(GIVEN RECORDS Opens)

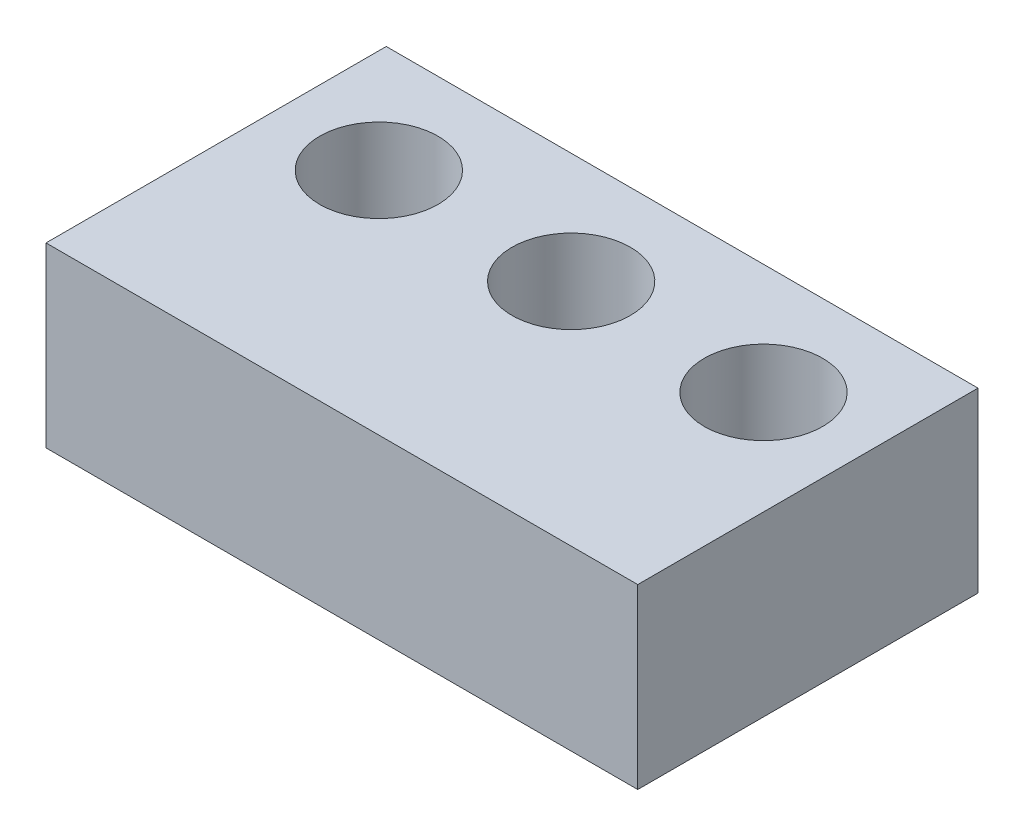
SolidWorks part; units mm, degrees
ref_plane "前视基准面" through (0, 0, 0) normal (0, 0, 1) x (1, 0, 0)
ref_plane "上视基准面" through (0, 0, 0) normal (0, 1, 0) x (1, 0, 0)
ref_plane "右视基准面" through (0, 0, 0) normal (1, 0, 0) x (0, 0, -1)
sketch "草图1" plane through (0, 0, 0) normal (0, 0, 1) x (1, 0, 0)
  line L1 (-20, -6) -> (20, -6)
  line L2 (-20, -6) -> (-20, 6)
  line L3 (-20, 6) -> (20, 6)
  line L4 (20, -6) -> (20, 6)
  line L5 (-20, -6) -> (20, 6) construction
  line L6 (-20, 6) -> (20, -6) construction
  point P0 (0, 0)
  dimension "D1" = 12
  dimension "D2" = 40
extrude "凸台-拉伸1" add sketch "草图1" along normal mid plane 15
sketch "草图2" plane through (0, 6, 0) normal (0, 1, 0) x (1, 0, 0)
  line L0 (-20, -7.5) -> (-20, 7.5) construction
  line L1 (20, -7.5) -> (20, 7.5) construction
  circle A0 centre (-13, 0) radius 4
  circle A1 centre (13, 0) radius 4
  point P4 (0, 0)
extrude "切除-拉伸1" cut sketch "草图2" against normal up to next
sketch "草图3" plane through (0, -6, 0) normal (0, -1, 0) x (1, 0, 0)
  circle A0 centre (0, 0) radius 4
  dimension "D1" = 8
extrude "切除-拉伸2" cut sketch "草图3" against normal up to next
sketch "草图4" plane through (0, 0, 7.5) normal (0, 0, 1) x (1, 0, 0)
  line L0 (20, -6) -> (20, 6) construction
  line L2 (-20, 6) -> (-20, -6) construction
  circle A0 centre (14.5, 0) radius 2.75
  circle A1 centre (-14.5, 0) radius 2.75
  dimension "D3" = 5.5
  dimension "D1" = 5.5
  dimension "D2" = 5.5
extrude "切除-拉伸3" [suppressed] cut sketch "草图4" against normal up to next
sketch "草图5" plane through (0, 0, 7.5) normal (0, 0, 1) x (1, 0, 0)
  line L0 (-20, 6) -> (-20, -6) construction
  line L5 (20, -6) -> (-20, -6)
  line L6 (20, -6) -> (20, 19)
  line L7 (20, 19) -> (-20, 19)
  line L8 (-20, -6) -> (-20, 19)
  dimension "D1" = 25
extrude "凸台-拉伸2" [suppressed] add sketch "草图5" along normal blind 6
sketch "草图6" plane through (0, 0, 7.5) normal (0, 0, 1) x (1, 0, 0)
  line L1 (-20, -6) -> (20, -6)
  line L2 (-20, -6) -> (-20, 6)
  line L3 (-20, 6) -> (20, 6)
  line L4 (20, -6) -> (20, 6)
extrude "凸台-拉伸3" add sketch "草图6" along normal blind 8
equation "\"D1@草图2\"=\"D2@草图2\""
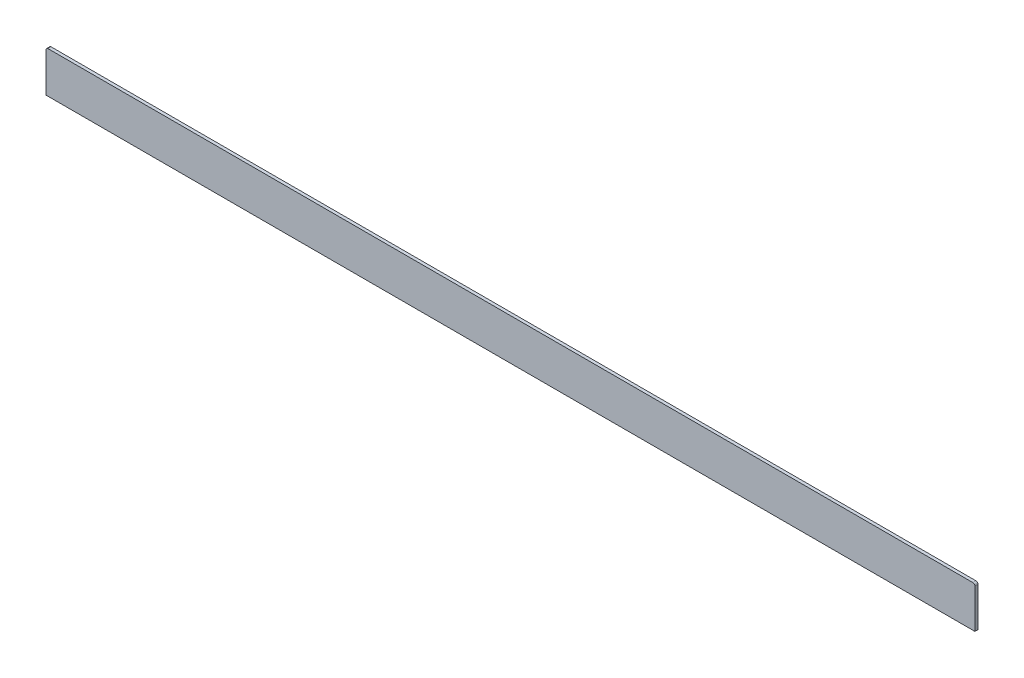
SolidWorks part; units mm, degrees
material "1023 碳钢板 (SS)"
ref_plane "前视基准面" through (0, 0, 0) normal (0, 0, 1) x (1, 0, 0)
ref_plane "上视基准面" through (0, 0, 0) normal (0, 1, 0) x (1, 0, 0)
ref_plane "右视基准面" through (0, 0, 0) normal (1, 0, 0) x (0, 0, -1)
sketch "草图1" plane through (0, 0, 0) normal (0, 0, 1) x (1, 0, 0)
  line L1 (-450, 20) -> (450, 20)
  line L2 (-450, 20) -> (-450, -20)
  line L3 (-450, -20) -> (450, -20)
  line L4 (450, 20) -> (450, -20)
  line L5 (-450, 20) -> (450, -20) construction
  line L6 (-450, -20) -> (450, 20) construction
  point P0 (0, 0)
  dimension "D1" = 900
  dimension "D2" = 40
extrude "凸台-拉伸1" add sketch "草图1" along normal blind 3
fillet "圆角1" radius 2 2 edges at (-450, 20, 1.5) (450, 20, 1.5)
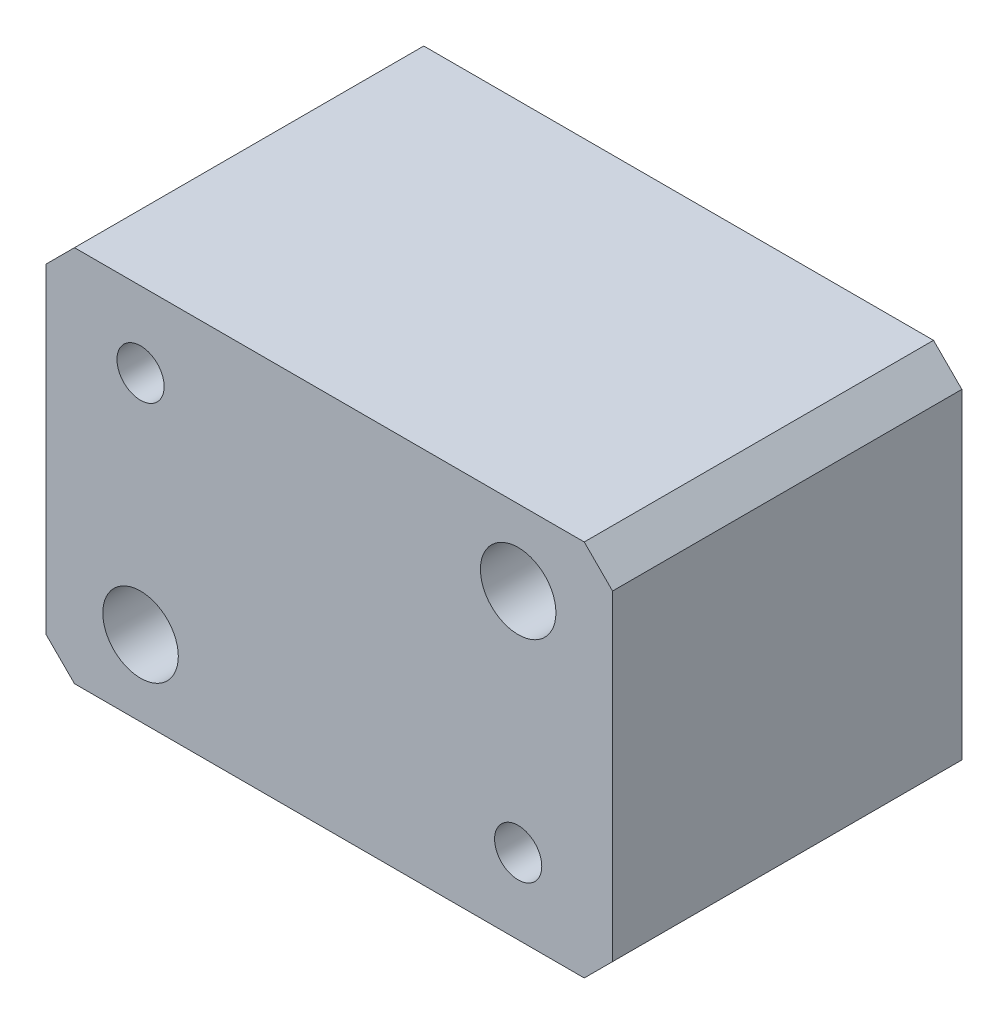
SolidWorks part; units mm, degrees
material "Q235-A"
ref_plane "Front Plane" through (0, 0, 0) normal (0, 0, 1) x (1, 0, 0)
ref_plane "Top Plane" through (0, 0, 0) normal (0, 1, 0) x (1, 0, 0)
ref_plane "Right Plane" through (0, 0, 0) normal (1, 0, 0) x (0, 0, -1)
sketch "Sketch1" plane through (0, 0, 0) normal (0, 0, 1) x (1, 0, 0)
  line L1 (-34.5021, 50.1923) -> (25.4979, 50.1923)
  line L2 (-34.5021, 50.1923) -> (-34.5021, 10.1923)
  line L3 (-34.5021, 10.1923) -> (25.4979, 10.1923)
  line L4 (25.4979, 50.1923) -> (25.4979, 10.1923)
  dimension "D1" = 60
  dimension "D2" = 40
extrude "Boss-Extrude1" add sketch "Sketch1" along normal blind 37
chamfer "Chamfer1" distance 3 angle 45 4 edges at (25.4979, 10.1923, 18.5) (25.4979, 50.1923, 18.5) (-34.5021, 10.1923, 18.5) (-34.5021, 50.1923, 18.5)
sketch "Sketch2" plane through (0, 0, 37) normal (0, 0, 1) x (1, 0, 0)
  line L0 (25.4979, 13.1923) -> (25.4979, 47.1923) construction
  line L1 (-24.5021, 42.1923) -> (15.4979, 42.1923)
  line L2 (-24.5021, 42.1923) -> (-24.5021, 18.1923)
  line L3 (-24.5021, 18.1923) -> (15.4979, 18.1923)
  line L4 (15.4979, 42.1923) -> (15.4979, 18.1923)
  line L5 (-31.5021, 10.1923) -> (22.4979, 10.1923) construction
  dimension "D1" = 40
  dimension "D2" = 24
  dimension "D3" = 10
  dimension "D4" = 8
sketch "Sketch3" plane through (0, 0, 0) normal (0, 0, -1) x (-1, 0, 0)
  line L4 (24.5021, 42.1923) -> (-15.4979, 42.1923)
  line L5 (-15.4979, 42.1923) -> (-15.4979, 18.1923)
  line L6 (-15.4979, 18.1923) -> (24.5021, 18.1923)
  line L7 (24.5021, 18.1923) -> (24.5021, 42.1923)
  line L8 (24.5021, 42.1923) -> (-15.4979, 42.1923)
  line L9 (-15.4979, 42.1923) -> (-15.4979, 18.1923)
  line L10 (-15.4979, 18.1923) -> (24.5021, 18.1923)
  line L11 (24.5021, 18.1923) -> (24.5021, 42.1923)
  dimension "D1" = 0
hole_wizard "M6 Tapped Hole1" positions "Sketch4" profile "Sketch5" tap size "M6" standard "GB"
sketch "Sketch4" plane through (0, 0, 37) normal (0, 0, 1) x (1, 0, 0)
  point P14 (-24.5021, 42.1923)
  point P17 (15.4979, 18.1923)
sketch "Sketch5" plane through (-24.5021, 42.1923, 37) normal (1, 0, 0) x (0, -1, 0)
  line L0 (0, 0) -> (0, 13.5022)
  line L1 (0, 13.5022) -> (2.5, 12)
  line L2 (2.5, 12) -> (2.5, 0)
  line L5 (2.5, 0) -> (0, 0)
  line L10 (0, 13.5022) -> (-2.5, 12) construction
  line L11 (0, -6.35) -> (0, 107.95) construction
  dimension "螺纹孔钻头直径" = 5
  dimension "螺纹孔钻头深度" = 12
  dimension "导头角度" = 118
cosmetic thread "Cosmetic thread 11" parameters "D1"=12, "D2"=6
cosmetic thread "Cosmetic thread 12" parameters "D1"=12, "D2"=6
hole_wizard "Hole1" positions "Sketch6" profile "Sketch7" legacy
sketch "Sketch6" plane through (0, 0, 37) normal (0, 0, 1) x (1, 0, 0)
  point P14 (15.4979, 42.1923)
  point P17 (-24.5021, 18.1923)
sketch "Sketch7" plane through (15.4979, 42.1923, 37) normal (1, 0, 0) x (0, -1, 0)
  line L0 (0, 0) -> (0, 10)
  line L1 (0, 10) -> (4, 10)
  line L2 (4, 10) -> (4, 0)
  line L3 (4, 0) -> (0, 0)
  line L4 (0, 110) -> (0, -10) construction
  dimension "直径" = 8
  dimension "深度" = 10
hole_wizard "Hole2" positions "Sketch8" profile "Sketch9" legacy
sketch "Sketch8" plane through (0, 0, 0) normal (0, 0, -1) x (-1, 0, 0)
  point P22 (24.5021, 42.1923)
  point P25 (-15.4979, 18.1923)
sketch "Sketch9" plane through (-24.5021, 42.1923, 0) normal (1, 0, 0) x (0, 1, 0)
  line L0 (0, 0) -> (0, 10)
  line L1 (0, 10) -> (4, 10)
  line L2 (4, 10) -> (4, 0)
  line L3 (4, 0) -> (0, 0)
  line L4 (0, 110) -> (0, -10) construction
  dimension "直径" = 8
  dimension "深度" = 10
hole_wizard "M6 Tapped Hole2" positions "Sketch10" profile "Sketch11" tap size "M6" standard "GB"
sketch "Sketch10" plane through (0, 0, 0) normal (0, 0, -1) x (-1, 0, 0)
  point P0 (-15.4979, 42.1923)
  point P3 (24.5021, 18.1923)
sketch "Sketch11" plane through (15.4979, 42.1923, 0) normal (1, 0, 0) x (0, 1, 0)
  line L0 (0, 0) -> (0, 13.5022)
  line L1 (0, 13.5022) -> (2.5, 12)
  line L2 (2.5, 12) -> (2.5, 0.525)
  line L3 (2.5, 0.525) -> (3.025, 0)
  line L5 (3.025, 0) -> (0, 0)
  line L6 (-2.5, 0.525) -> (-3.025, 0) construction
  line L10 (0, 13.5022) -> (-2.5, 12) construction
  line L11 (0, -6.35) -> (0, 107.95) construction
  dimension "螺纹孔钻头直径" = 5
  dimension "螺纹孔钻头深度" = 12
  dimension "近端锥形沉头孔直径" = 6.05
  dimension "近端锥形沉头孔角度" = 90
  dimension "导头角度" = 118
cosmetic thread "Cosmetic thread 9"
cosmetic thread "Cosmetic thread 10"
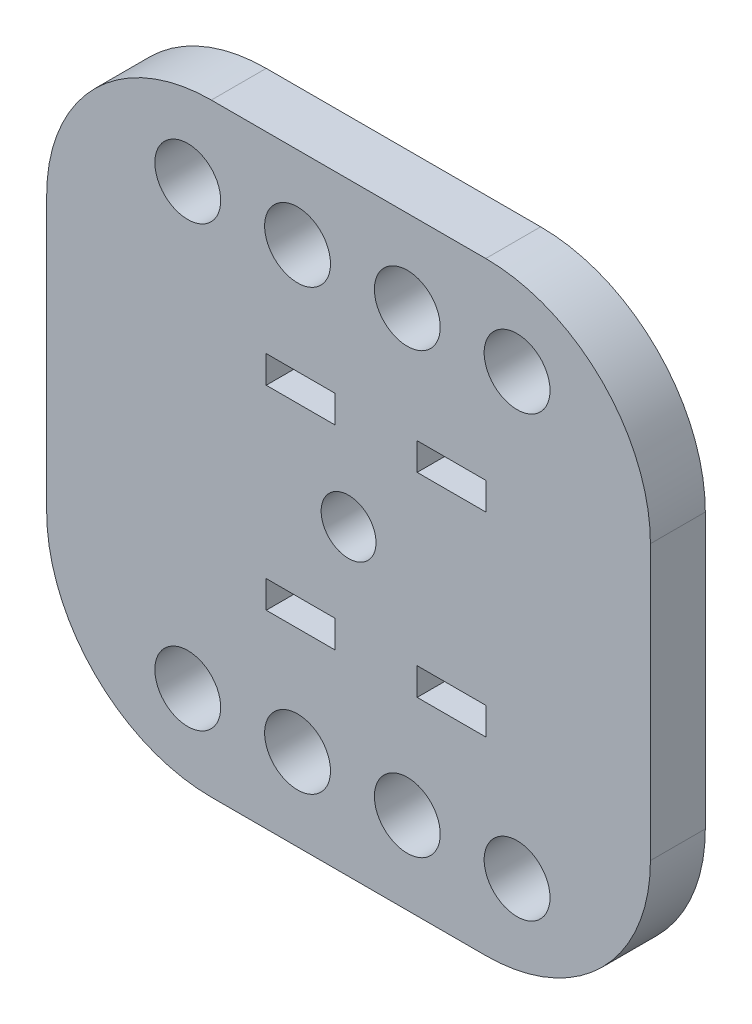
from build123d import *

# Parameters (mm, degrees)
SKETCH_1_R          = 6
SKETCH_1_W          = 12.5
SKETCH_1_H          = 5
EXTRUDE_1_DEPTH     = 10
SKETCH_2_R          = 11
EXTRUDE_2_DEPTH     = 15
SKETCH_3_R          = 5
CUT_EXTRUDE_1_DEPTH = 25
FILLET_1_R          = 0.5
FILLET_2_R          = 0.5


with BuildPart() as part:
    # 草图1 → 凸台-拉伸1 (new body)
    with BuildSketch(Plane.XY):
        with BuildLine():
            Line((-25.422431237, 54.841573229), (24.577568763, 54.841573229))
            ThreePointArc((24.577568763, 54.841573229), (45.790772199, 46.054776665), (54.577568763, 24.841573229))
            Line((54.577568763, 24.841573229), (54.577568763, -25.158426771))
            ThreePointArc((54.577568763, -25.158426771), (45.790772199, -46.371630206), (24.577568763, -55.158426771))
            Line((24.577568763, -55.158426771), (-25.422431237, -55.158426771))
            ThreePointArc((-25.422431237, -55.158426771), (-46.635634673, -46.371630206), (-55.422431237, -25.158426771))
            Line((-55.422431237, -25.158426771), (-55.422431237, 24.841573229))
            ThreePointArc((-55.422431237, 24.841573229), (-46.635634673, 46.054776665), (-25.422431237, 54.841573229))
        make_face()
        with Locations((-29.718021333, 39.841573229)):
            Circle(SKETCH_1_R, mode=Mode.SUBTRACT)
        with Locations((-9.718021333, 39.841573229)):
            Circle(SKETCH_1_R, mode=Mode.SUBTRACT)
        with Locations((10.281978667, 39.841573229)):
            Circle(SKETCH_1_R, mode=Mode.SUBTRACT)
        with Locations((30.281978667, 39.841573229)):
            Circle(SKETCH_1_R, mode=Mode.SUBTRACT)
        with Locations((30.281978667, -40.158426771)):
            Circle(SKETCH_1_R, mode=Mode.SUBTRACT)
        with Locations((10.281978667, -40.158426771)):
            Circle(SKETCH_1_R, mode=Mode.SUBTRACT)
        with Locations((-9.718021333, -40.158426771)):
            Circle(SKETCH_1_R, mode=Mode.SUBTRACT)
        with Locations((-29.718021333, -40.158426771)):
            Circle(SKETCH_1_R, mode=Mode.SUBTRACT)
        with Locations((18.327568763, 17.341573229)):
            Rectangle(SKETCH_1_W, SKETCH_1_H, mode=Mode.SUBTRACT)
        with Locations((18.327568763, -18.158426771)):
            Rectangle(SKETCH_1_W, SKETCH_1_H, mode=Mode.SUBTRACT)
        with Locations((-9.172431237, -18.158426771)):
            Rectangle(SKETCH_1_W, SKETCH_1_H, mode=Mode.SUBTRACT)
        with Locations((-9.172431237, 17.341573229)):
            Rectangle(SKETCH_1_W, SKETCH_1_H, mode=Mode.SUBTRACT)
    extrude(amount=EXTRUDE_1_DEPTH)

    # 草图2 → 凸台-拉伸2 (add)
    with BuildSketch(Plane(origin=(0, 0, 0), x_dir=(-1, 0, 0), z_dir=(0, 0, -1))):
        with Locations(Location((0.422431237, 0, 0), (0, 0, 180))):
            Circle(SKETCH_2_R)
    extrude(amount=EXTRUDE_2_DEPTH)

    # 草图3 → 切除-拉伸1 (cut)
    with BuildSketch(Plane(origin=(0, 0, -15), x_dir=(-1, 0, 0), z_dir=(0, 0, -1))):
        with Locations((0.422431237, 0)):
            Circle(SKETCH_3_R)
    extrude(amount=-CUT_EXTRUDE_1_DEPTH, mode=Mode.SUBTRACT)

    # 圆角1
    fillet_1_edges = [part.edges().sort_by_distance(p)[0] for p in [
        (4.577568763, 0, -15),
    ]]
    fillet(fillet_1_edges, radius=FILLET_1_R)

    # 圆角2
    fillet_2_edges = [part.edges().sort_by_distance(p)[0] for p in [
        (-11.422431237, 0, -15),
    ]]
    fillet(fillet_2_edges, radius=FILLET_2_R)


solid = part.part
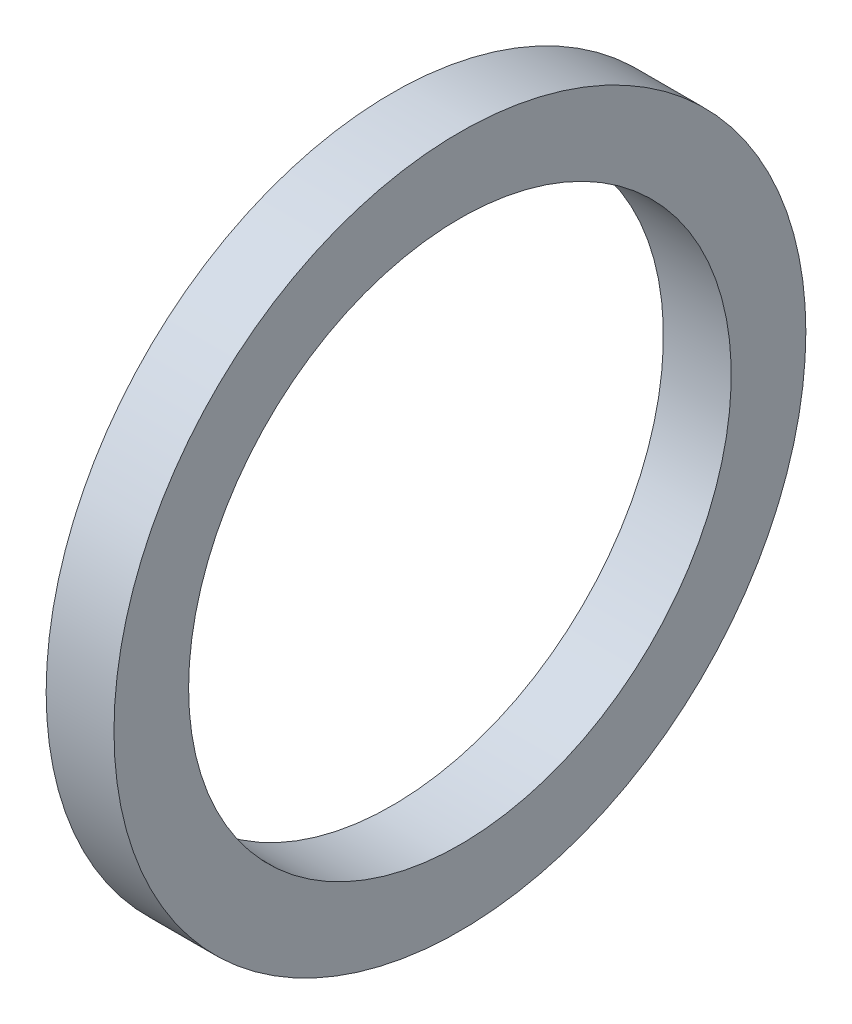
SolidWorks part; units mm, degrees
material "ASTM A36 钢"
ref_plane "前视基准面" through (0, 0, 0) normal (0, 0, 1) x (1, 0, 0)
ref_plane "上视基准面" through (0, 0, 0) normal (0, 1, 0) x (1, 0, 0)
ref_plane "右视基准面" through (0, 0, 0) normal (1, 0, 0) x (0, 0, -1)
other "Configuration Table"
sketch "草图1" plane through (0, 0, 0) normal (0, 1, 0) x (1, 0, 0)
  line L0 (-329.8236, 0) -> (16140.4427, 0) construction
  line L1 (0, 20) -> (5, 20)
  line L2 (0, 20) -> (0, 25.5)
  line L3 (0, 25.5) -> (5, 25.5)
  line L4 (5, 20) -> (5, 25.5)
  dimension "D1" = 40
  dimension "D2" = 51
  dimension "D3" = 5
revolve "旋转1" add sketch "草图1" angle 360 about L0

(GIVEN RECORDS Closes)

◆ WORK INSTRUCTION ◆
Only the lines from the one holding "fillet(fillet_1_edges, radius=FILLET_1_R)" through the last line of the records should be output, please, exactly and without any pictures.

◆ WRITTEN RESPONSE ◆
    fillet(fillet_1_edges, radius=FILLET_1_R)

    # 圆角2
    fillet_2_edges = [part.edges().sort_by_distance(p)[0] for p in [
        (-11.422431237, 0, -15),
    ]]
    fillet(fillet_2_edges, radius=FILLET_2_R)


solid = part.part
SolidWorks part; units mm, degrees
material "ASTM A36 钢"
ref_plane "前视基准面" through (0, 0, 0) normal (0, 0, 1) x (1, 0, 0)
ref_plane "上视基准面" through (0, 0, 0) normal (0, 1, 0) x (1, 0, 0)
ref_plane "右视基准面" through (0, 0, 0) normal (1, 0, 0) x (0, 0, -1)
other "Configuration Table"
sketch "草图1" plane through (0, 0, 0) normal (0, 1, 0) x (1, 0, 0)
  line L0 (-329.8236, 0) -> (16140.4427, 0) construction
  line L1 (0, 20) -> (5, 20)
  line L2 (0, 20) -> (0, 25.5)
  line L3 (0, 25.5) -> (5, 25.5)
  line L4 (5, 20) -> (5, 25.5)
  dimension "D1" = 40
  dimension "D2" = 51
  dimension "D3" = 5
revolve "旋转1" add sketch "草图1" angle 360 about L0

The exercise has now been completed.